* [Records contained in a dataset]:
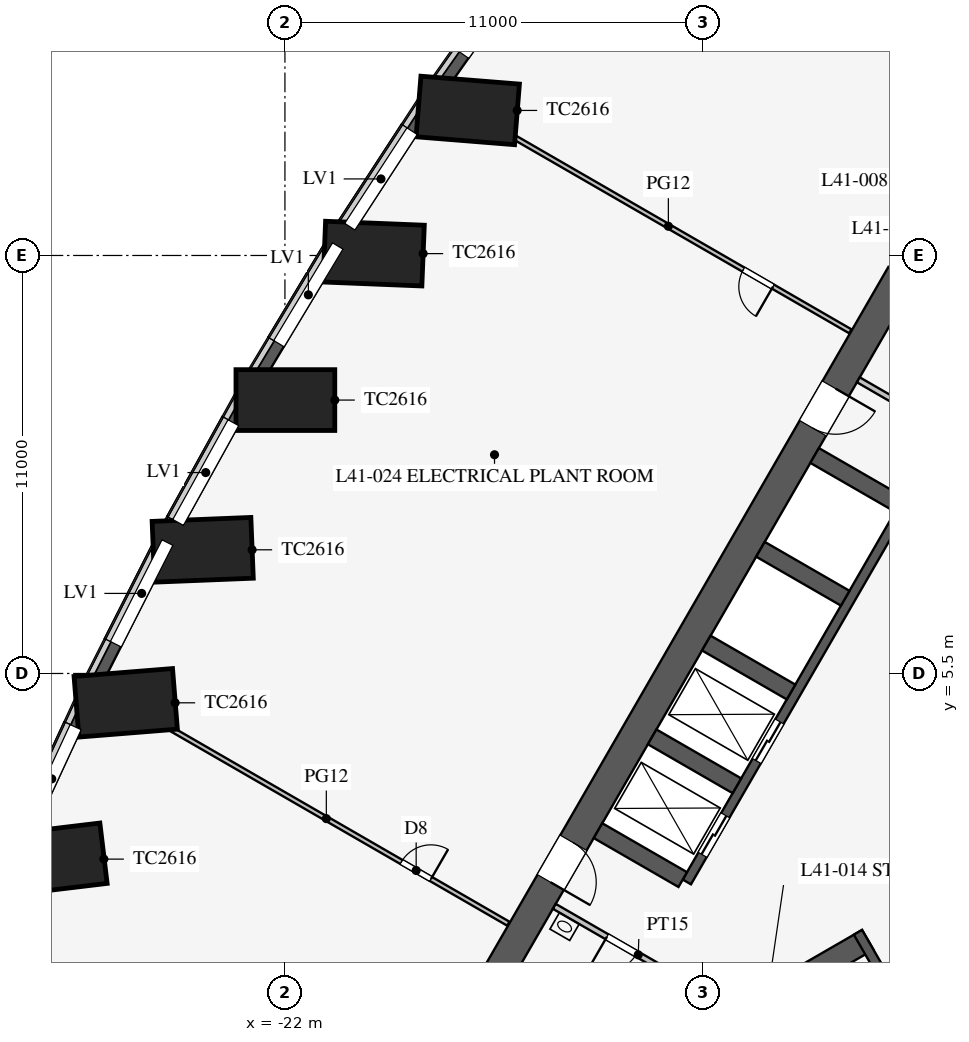
"""IFC4 building model, lengths in metres.
Left out: names, types, materials, properties, quantities, classifications, styles, units other than length and angle.
Written with IfcOpenShell. Run it as: python <this file> out.ifc"""

import sys

from ifc_helpers import new_model, si_unit, direction, frame, frame_2d, origin, origin_2d, place, context, subcontext, project, spatial, polyline, rectangle, outline, extrude, clip, halfspace, element, fill, save


model = new_model("IFC4")
c1 = context("Model", 3, precision=1e-05, world=origin(), true_north=direction((0.0, 1.0)))
c2 = subcontext(c1, "Body", "Model", "MODEL_VIEW")
j1 = project(units=[si_unit("LENGTHUNIT", "METRE"), si_unit("PLANEANGLEUNIT", "RADIAN")], contexts=[c1])
p1 = place(None, origin())
s1 = spatial("IfcSite", under=j1, at=p1, CompositionType="ELEMENT")
p2 = place(p1, origin())
s2 = spatial("IfcBuilding", under=s1, at=p2, CompositionType="ELEMENT")
p3 = place(p2, frame((0.0, 0.0, 178.7)))
s3 = spatial("IfcBuildingStorey", under=s2, at=p3, CompositionType="ELEMENT", Elevation=178.7)
p4 = place(p3, frame((-17.43, 20.456, 0.0), z_axis=(0.195428167391, -0.112817153021, 0.974207432416), x_axis=(-0.565774582808, -0.824362784845, 0.018031095686)))
e1 = element("IfcColumn", 1, at=p4, inside=s3, PredefinedType="COLUMN", context=c2, shape_type="Clipping", body=[
    clip(clip(extrude(rectangle(XDim=2.6, YDim=1.6, at=origin_2d()), origin(), (0.0, 0.0, 1.0), 6.159), halfspace(frame((0.0, 0.0, 0.21), z_axis=(1.0393805708591025e-05, 1.5065167287081627e-05, 0.9999999998325048), x_axis=(0.0, 0.9999999998865204, -1.5065167287895381e-05)), True)), halfspace(frame((0.0, 0.0, 5.949), z_axis=(-1.0393805708591025e-05, -1.5065167287081627e-05, -0.9999999998325048), x_axis=(0.0, -0.9999999998865204, 1.5065167287895381e-05)), True)),
])
p5 = place(p3, frame((-19.893, 16.681, 0.0), z_axis=(0.186289343802, -0.107569380049, 0.976588505391), x_axis=(-0.533517685828, -0.845745042504, 0.008614057662)))
e2 = element("IfcColumn", 2, at=p5, inside=s3, PredefinedType="COLUMN", context=c2, shape_type="Clipping", body=[
    clip(clip(extrude(rectangle(XDim=2.6, YDim=1.6, at=origin_2d()), origin(), (0.0, 0.0, 1.0), 6.144), halfspace(frame((0.0, 0.0, 0.188), z_axis=(-1.3253644547951e-05, 2.4571096812753272e-06, 0.9999999999091518), x_axis=(0.0, 0.9999999999969813, -2.457109681491134e-06)), True)), halfspace(frame((0.0, 0.0, 5.955), z_axis=(1.3253644547951e-05, -2.4571096812753272e-06, -0.9999999999091518), x_axis=(0.0, -0.9999999999969813, 2.457109681491134e-06)), True)),
])
p6 = place(p3, frame((-22.213, 12.825, 0.0), z_axis=(0.183253727016, -0.105824255119, 0.97735321075), x_axis=(-0.500080332001, -0.865979019114, 0.0)))
e3 = element("IfcColumn", 3, at=p6, inside=s3, PredefinedType="COLUMN", context=c2, shape_type="Clipping", body=[
    clip(clip(extrude(rectangle(XDim=2.6, YDim=1.6, at=origin_2d()), origin(), (0.0, 0.0, 1.0), 6.139), halfspace(frame((0.0, 0.0, 0.174), z_axis=(-1.962931837797242e-05, -1.1078215543997016e-05, 0.9999999997459816), x_axis=(0.0, 0.9999999999386366, 1.107821554613129e-05)), True)), halfspace(frame((0.0, 0.0, 5.965), z_axis=(1.962931837797242e-05, 1.1078215543997016e-05, -0.9999999997459816), x_axis=(0.0, -0.9999999999386366, -1.107821554613129e-05)), True)),
])
p7 = place(p3, frame((-24.393, 8.887, 0.0), z_axis=(0.186289343802, -0.107569380049, 0.976588505391), x_axis=(-0.465785984336, -0.884855476791, -0.008614057662)))
e4 = element("IfcColumn", 4, at=p7, inside=s3, PredefinedType="COLUMN", context=c2, shape_type="Clipping", body=[
    clip(clip(extrude(rectangle(XDim=2.6, YDim=1.6, at=origin_2d()), origin(), (0.0, 0.0, 1.0), 6.144), halfspace(frame((0.0, 0.0, 0.189), z_axis=(-1.3014513908404109e-05, 3.509830411391191e-06, 0.9999999999091518), x_axis=(0.0, 0.9999999999938406, -3.5098304116884342e-06)), True)), halfspace(frame((0.0, 0.0, 5.955), z_axis=(1.3014513908404109e-05, -3.509830411391191e-06, -0.9999999999091518), x_axis=(0.0, -0.9999999999938406, 3.5098304116884342e-06)), True)),
])
p8 = place(p3, frame((-26.43, 4.867, 0.0), z_axis=(0.195428167391, -0.112817153021, 0.974207432416), x_axis=(-0.430939361595, -0.902200723906, -0.018031095686)))
e5 = element("IfcColumn", 5, at=p8, inside=s3, PredefinedType="COLUMN", context=c2, shape_type="Clipping", body=[
    clip(clip(extrude(rectangle(XDim=2.6, YDim=1.6, at=origin_2d()), origin(), (0.0, 0.0, 1.0), 6.159), halfspace(frame((0.0, 0.0, 0.21), z_axis=(1.266096880684145e-05, 1.3217046998748039e-05, 0.9999999998325048), x_axis=(0.0, 0.9999999999126549, -1.3217046999807387e-05)), True)), halfspace(frame((0.0, 0.0, 5.949), z_axis=(-1.266096880684145e-05, -1.3217046998748039e-05, -0.9999999998325048), x_axis=(0.0, -0.9999999999126549, 1.3217046999807387e-05)), True)),
])
p9 = place(p3, frame((-28.325, 0.765, 0.0), z_axis=(0.210679538915, -0.121600535668, 0.969962598046), x_axis=(-0.396030042984, -0.91777825869, -0.029039162011)))
e6 = element("IfcColumn", 6, at=p9, inside=s3, PredefinedType="COLUMN", context=c2, shape_type="Clipping", body=[
    clip(clip(extrude(rectangle(XDim=2.6, YDim=1.6, at=origin_2d()), origin(), (0.0, 0.0, 1.0), 6.186), halfspace(frame((0.0, 0.0, 0.239), z_axis=(3.0378180671815358e-05, -3.820048547931165e-06, 0.9999999995312867), x_axis=(0.0, 0.9999999999927036, 3.8200485496938e-06)), True)), halfspace(frame((0.0, 0.0, 5.947), z_axis=(-3.0378180671815358e-05, 3.820048547931165e-06, -0.9999999995312867), x_axis=(0.0, -0.9999999999927036, -3.8200485496938e-06)), True)),
])
p10 = place(p3, frame((-30.077, -3.42, 0.0), z_axis=(0.231966146532, -0.13391860006, 0.963461216355), x_axis=(-0.36168243427, -0.93133790261, -0.042373669911)))
e7 = element("IfcColumn", 7, at=p10, inside=s3, PredefinedType="COLUMN", context=c2, shape_type="Clipping", body=[
    clip(clip(extrude(rectangle(XDim=2.6, YDim=1.6, at=origin_2d()), origin(), (0.0, 0.0, 1.0), 6.228), halfspace(frame((0.0, 0.0, 0.278), z_axis=(6.917197328398794e-06, 4.213036003897219e-06, 0.9999999999672015), x_axis=(0.0, 0.9999999999911252, -4.213036003998011e-06)), True)), halfspace(frame((0.0, 0.0, 5.95), z_axis=(-6.917197328398794e-06, -4.213036003897219e-06, -0.9999999999672015), x_axis=(0.0, -0.9999999999911252, 4.213036003998011e-06)), True)),
])
p11 = place(p3, frame((-5.773, 16.0, 0.0), z_axis=(0.0, 0.0, 1.0), x_axis=(-0.500002442456, -0.866023993627, 0.0)))
e8 = element("IfcWall", 8, at=p11, inside=s3, PredefinedType="SHEAR", context=c2, shape_type="SweptSolid", body=[
    extrude(rectangle(XDim=21.939, YDim=0.8, at=frame_2d((10.97, 0.0))), origin(), (0.0, 0.0, 1.0), 6.0),
])
p12 = place(p11, frame((17.27, 0.0, 0.0)))
e9 = element("IfcOpeningElement", 9, at=p12, cuts=e8, PredefinedType="OPENING", context=c2, shape_type="SweptSolid", body=[
    extrude(rectangle(XDim=1.2, YDim=2.1, at=frame_2d((0.6, 1.05))), frame((0.0, 0.41, 0.0), z_axis=(0.0, -1.0, 0.0), x_axis=(1.0, 0.0, 0.0)), (0.0, 0.0, 1.0), 0.82),
])
p13 = place(p11, frame((3.47, 0.0, 0.0)))
e10 = element("IfcOpeningElement", 10, at=p13, cuts=e8, PredefinedType="OPENING", context=c2, shape_type="SweptSolid", body=[
    extrude(rectangle(XDim=1.2, YDim=2.1, at=frame_2d((0.6, 1.05))), frame((0.0, 0.41, 0.0), z_axis=(0.0, -1.0, 0.0), x_axis=(1.0, 0.0, 0.0)), (0.0, 0.0, 1.0), 0.82),
])
p14 = place(p3, frame((-5.724, 9.886, 0.0), z_axis=(0.0, 0.0, 1.0), x_axis=(-0.500001763848, -0.866024385424, 0.0)))
e11 = element("IfcWall", 11, at=p14, inside=s3, PredefinedType="SHEAR", context=c2, shape_type="SweptSolid", body=[
    extrude(rectangle(XDim=11.4, YDim=0.25, at=frame_2d((5.7, 0.0))), origin(), (0.0, 0.0, 1.0), 6.0),
])
p15 = place(p14, frame((6.525, 0.0, 0.0)))
e12 = element("IfcOpeningElement", 12, at=p15, cuts=e11, PredefinedType="OPENING", context=c2, shape_type="SweptSolid", body=[
    extrude(rectangle(XDim=1.2, YDim=2.2, at=frame_2d((0.6, 1.1))), frame((0.0, 0.135, 0.0), z_axis=(0.0, -1.0, 0.0), x_axis=(1.0, 0.0, 0.0)), (0.0, 0.0, 1.0), 0.27),
])
p16 = place(p14, frame((9.375, 0.0, 0.0)))
e13 = element("IfcOpeningElement", 13, at=p16, cuts=e11, PredefinedType="OPENING", context=c2, shape_type="SweptSolid", body=[
    extrude(rectangle(XDim=1.2, YDim=2.2, at=frame_2d((0.6, 1.1))), frame((0.0, 0.135, 0.0), z_axis=(0.0, -1.0, 0.0), x_axis=(1.0, 0.0, 0.0)), (0.0, 0.0, 1.0), 0.27),
])
p17 = place(p3, frame((-5.832, 9.949, 0.0), z_axis=(0.0, 0.0, 1.0), x_axis=(-0.866029291668, 0.499993265928, 0.0)))
e14 = element("IfcWall", 14, at=p17, inside=s3, PredefinedType="SHEAR", context=c2, shape_type="SweptSolid", body=[
    extrude(rectangle(XDim=2.575, YDim=0.45, at=frame_2d((1.288, 0.0))), origin(), (0.0, 0.0, 1.0), 6.0),
])
for number, where, z_axis, x_axis in (
    (15, (-7.257, 7.481, 0.0), (0.0, 0.0, 1.0), (-0.866, 0.5, 0.0)),
    (16, (-8.682, 5.012, 0.0), (0.0, 0.0, 1.0), (-0.866, 0.5, 0.0)),
    (17, (-10.107, 2.544, 0.0), (0.0, 0.0, 1.0), (-0.866, 0.5, 0.0)),
    (18, (-11.532, 0.076, 0.0), (0.0, 0.0, 1.0), (-0.866, 0.5, 0.0)),
):
    element("IfcWall", number, at=place(p3, frame(where, z_axis=z_axis, x_axis=x_axis)), inside=s3, PredefinedType="SHEAR", context=c2, shape_type="SweptSolid", body=[
        extrude(rectangle(XDim=2.575, YDim=0.45, at=frame_2d((1.288, 0.0))), origin(), (0.0, 0.0, 1.0), 6.0),
    ])
p18 = place(p3, frame((-6.663, -1.509, 0.0), z_axis=(0.0, 0.0, 1.0), x_axis=(-0.866019375473, -0.500010441196, 0.0)))
e19 = element("IfcWall", 19, at=p18, inside=s3, PredefinedType="SHEAR", context=c2, shape_type="SweptSolid", body=[
    extrude(rectangle(XDim=9.075, YDim=0.6, at=frame_2d((4.538, 0.0))), origin(), (0.0, 0.0, 1.0), 6.0),
])
p19 = place(p3, frame((-6.922, -1.312, 0.0), z_axis=(0.0, 0.0, 1.0), x_axis=(0.499984536904, -0.866034331223, 0.0)))
e20 = element("IfcWall", 20, at=p19, inside=s3, PredefinedType="SHEAR", context=c2, shape_type="SweptSolid", body=[
    extrude(rectangle(XDim=4.65, YDim=0.25, at=frame_2d((2.325, 0.0))), origin(), (0.0, 0.0, 1.0), 6.0),
])
p20 = place(p19, frame((1.525, 0.0, 0.0)))
e21 = element("IfcOpeningElement", 21, at=p20, cuts=e20, PredefinedType="OPENING", context=c2, shape_type="SweptSolid", body=[
    extrude(rectangle(XDim=1.6, YDim=2.1, at=frame_2d((0.8, 1.05))), frame((0.0, 0.135, 0.0), z_axis=(0.0, -1.0, 0.0), x_axis=(1.0, 0.0, 0.0)), (0.0, 0.0, 1.0), 0.27),
])
p21 = place(p3, frame((-15.392, 24.475, 0.0), z_axis=(0.0, 0.0, 1.0), x_axis=(-0.575987178736, -0.817458726745, 0.0)))
e22 = element("IfcWall", 22, at=p21, inside=s3, PredefinedType="SOLIDWALL", context=c2, shape_type="SweptSolid", body=[
    extrude(rectangle(XDim=4.518, YDim=0.3, at=frame_2d((2.259, 0.0))), origin(), (0.0, 0.0, 1.0), 5.8),
])
p22 = place(p21, frame((0.3, 0.0, 3.5)))
e23 = element("IfcOpeningElement", 23, at=p22, cuts=e22, PredefinedType="OPENING", context=c2, shape_type="SweptSolid", body=[
    extrude(rectangle(XDim=3.0, YDim=2.0, at=frame_2d((1.5, 1.0))), frame((0.0, 0.16, 0.0), z_axis=(0.0, -1.0, 0.0), x_axis=(1.0, 0.0, 0.0)), (0.0, 0.0, 1.0), 0.32),
])
p23 = place(p3, frame((-17.995, 20.782, 0.0), z_axis=(0.0, 0.0, 1.0), x_axis=(-0.546107481908, -0.83771511757, 0.0)))
e24 = element("IfcWall", 24, at=p23, inside=s3, PredefinedType="SOLIDWALL", context=c2, shape_type="SweptSolid", body=[
    extrude(rectangle(XDim=4.507, YDim=0.3, at=frame_2d((2.253, 0.0))), origin(), (0.0, 0.0, 1.0), 5.8),
])
p24 = place(p23, frame((1.207, 0.0, 3.5)))
e25 = element("IfcOpeningElement", 25, at=p24, cuts=e24, PredefinedType="OPENING", context=c2, shape_type="SweptSolid", body=[
    extrude(rectangle(XDim=3.0, YDim=2.0, at=frame_2d((1.5, 1.0))), frame((0.0, 0.16, 0.0), z_axis=(0.0, -1.0, 0.0), x_axis=(1.0, 0.0, 0.0)), (0.0, 0.0, 1.0), 0.32),
])
p25 = place(p3, frame((-20.456, 17.006, 0.0), z_axis=(0.0, 0.0, 1.0), x_axis=(-0.515508537432, -0.856884442521, 0.0)))
e26 = element("IfcWall", 26, at=p25, inside=s3, PredefinedType="SOLIDWALL", context=c2, shape_type="SweptSolid", body=[
    extrude(rectangle(XDim=4.5, YDim=0.3, at=frame_2d((2.25, 0.0))), origin(), (0.0, 0.0, 1.0), 5.8),
])
p26 = place(p25, frame((0.3, 0.0, 3.5)))
e27 = element("IfcOpeningElement", 27, at=p26, cuts=e26, PredefinedType="OPENING", context=c2, shape_type="SweptSolid", body=[
    extrude(rectangle(XDim=3.0, YDim=2.0, at=frame_2d((1.5, 1.0))), frame((0.0, 0.16, 0.0), z_axis=(0.0, -1.0, 0.0), x_axis=(1.0, 0.0, 0.0)), (0.0, 0.0, 1.0), 0.32),
])
p27 = place(p3, frame((-22.776, 13.15, 0.0), z_axis=(0.0, 0.0, 1.0), x_axis=(-0.48433441842, -0.874882947104, 0.0)))
e28 = element("IfcWall", 28, at=p27, inside=s3, PredefinedType="SOLIDWALL", context=c2, shape_type="SweptSolid", body=[
    extrude(rectangle(XDim=4.501, YDim=0.3, at=frame_2d((2.25, 0.0))), origin(), (0.0, 0.0, 1.0), 5.8),
])
p28 = place(p27, frame((1.201, 0.0, 3.5)))
e29 = element("IfcOpeningElement", 29, at=p28, cuts=e28, PredefinedType="OPENING", context=c2, shape_type="SweptSolid", body=[
    extrude(rectangle(XDim=3.0, YDim=2.0, at=frame_2d((1.5, 1.0))), frame((0.0, 0.16, 0.0), z_axis=(0.0, -1.0, 0.0), x_axis=(1.0, 0.0, 0.0)), (0.0, 0.0, 1.0), 0.32),
])
p29 = place(p3, frame((-24.956, 9.212, 0.0), z_axis=(0.0, 0.0, 1.0), x_axis=(-0.452406735601, -0.891811720927, 0.0)))
e30 = element("IfcWall", 30, at=p29, inside=s3, PredefinedType="SOLIDWALL", context=c2, shape_type="SweptSolid", body=[
    extrude(rectangle(XDim=4.507, YDim=0.3, at=frame_2d((2.253, 0.0))), origin(), (0.0, 0.0, 1.0), 5.8),
])
p30 = place(p29, frame((0.3, 0.0, 3.5)))
e31 = element("IfcOpeningElement", 31, at=p30, cuts=e30, PredefinedType="OPENING", context=c2, shape_type="SweptSolid", body=[
    extrude(rectangle(XDim=3.0, YDim=2.0, at=frame_2d((1.5, 1.0))), frame((0.0, 0.16, 0.0), z_axis=(0.0, -1.0, 0.0), x_axis=(1.0, 0.0, 0.0)), (0.0, 0.0, 1.0), 0.32),
])
p31 = place(p3, frame((-26.995, 5.193, 0.0), z_axis=(0.0, 0.0, 1.0), x_axis=(-0.419948870618, -0.907547765171, 0.0)))
e32 = element("IfcWall", 32, at=p31, inside=s3, PredefinedType="SOLIDWALL", context=c2, shape_type="SweptSolid", body=[
    extrude(rectangle(XDim=4.518, YDim=0.3, at=frame_2d((2.259, 0.0))), origin(), (0.0, 0.0, 1.0), 5.8),
])
p32 = place(p31, frame((1.218, 0.0, 3.5)))
e33 = element("IfcOpeningElement", 33, at=p32, cuts=e32, PredefinedType="OPENING", context=c2, shape_type="SweptSolid", body=[
    extrude(rectangle(XDim=3.0, YDim=2.0, at=frame_2d((1.5, 1.0))), frame((0.0, 0.16, 0.0), z_axis=(0.0, -1.0, 0.0), x_axis=(1.0, 0.0, 0.0)), (0.0, 0.0, 1.0), 0.32),
])
p33 = place(p3, frame((-10.495, -3.178, 0.0), z_axis=(0.0, 0.0, 1.0), x_axis=(-0.86602216432, 0.500005610874, 0.0)))
e34 = element("IfcWall", 34, at=p33, inside=s3, PredefinedType="PARTITIONING", context=c2, shape_type="SweptSolid", body=[
    extrude(rectangle(XDim=5.1, YDim=0.15, at=frame_2d((2.55, 0.0))), origin(), (0.0, 0.0, 1.0), 5.8),
])
p34 = place(p33, frame((2.6, 0.0, 0.0)))
e35 = element("IfcOpeningElement", 35, at=p34, cuts=e34, PredefinedType="OPENING", context=c2, shape_type="SweptSolid", body=[
    extrude(rectangle(XDim=0.9, YDim=2.1, at=frame_2d((0.45, 1.05))), frame((0.0, 0.085, 0.0), z_axis=(0.0, -1.0, 0.0), x_axis=(1.0, 0.0, 0.0)), (0.0, 0.0, 1.0), 0.17),
])
p35 = place(p3, frame((-2.495, 10.678, 0.0), z_axis=(0.0, 0.0, 1.0), x_axis=(-0.86602216432, 0.500005610874, 0.0)))
e36 = element("IfcWall", 36, at=p35, inside=s3, PredefinedType="PARTITIONING", context=c2, shape_type="SweptSolid", body=[
    extrude(rectangle(XDim=5.1, YDim=0.15, at=frame_2d((2.55, 0.0))), origin(), (0.0, 0.0, 1.0), 5.8),
])
p36 = place(p35, frame((2.6, 0.0, 0.0)))
e37 = element("IfcOpeningElement", 37, at=p36, cuts=e36, PredefinedType="OPENING", context=c2, shape_type="SweptSolid", body=[
    extrude(rectangle(XDim=0.9, YDim=2.1, at=frame_2d((0.45, 1.05))), frame((0.0, 0.085, 0.0), z_axis=(0.0, -1.0, 0.0), x_axis=(1.0, 0.0, 0.0)), (0.0, 0.0, 1.0), 0.17),
])
for number, where, z_axis, x_axis in (
    (38, (-25.122, 4.112, 0.0), (0.0, 0.0, 1.0), (-0.866, 0.5, 0.0)),
    (39, (-16.122, 19.7, 0.0), (0.0, 0.0, 1.0), (-0.866, 0.5, 0.0)),
):
    element("IfcWall", number, at=place(p3, frame(where, z_axis=z_axis, x_axis=x_axis)), inside=s3, PredefinedType="PARTITIONING", context=c2, shape_type="SweptSolid", body=[
        extrude(outline(polyline([(0.0, 0.0), (0.667, 0.0), (0.667, 0.05), (0.0, 2.9), (0.0, 0.0)])), frame((0.0, 0.06, 0.0), z_axis=(0.0, -1.0, 0.0), x_axis=(1.0, 0.0, 0.0)), (0.0, 0.0, 1.0), 0.12),
    ])
p37 = place(p3, frame((-16.122, -1.084, 0.0), z_axis=(0.0, 0.0, 1.0), x_axis=(-0.866025583565, 0.49999968861, 0.0)))
e40 = element("IfcWall", 40, at=p37, inside=s3, PredefinedType="PARTITIONING", context=c2, shape_type="SweptSolid", body=[
    extrude(rectangle(XDim=10.393, YDim=0.12, at=frame_2d((5.196, 0.0))), origin(), (0.0, 0.0, 1.0), 2.9),
])
p38 = place(p37, frame((2.35, 0.0, 0.0)))
e41 = element("IfcOpeningElement", 41, at=p38, cuts=e40, PredefinedType="OPENING", context=c2, shape_type="SweptSolid", body=[
    extrude(rectangle(XDim=0.9, YDim=2.1, at=frame_2d((0.45, 1.05))), frame((0.0, 0.07, 0.0), z_axis=(0.0, -1.0, 0.0), x_axis=(1.0, 0.0, 0.0)), (0.0, 0.0, 1.0), 0.14),
])
p39 = place(p3, frame((-7.122, 14.504, 0.0), z_axis=(0.0, 0.0, 1.0), x_axis=(-0.866025583565, 0.49999968861, 0.0)))
e42 = element("IfcWall", 42, at=p39, inside=s3, PredefinedType="PARTITIONING", context=c2, shape_type="SweptSolid", body=[
    extrude(rectangle(XDim=10.393, YDim=0.12, at=frame_2d((5.196, 0.0))), origin(), (0.0, 0.0, 1.0), 2.9),
])
p40 = place(p39, frame((2.35, 0.0, 0.0)))
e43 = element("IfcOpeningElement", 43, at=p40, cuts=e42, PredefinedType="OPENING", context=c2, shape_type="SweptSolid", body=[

* [Aim of the task]:
Wherever a line above contains "units", copy that line.

* [Solution for this exercise]:
Left out: names, types, materials, properties, quantities, classifications, styles, units other than length and angle.
j1 = project(units=[si_unit("LENGTHUNIT", "METRE"), si_unit("PLANEANGLEUNIT", "RADIAN")], contexts=[c1])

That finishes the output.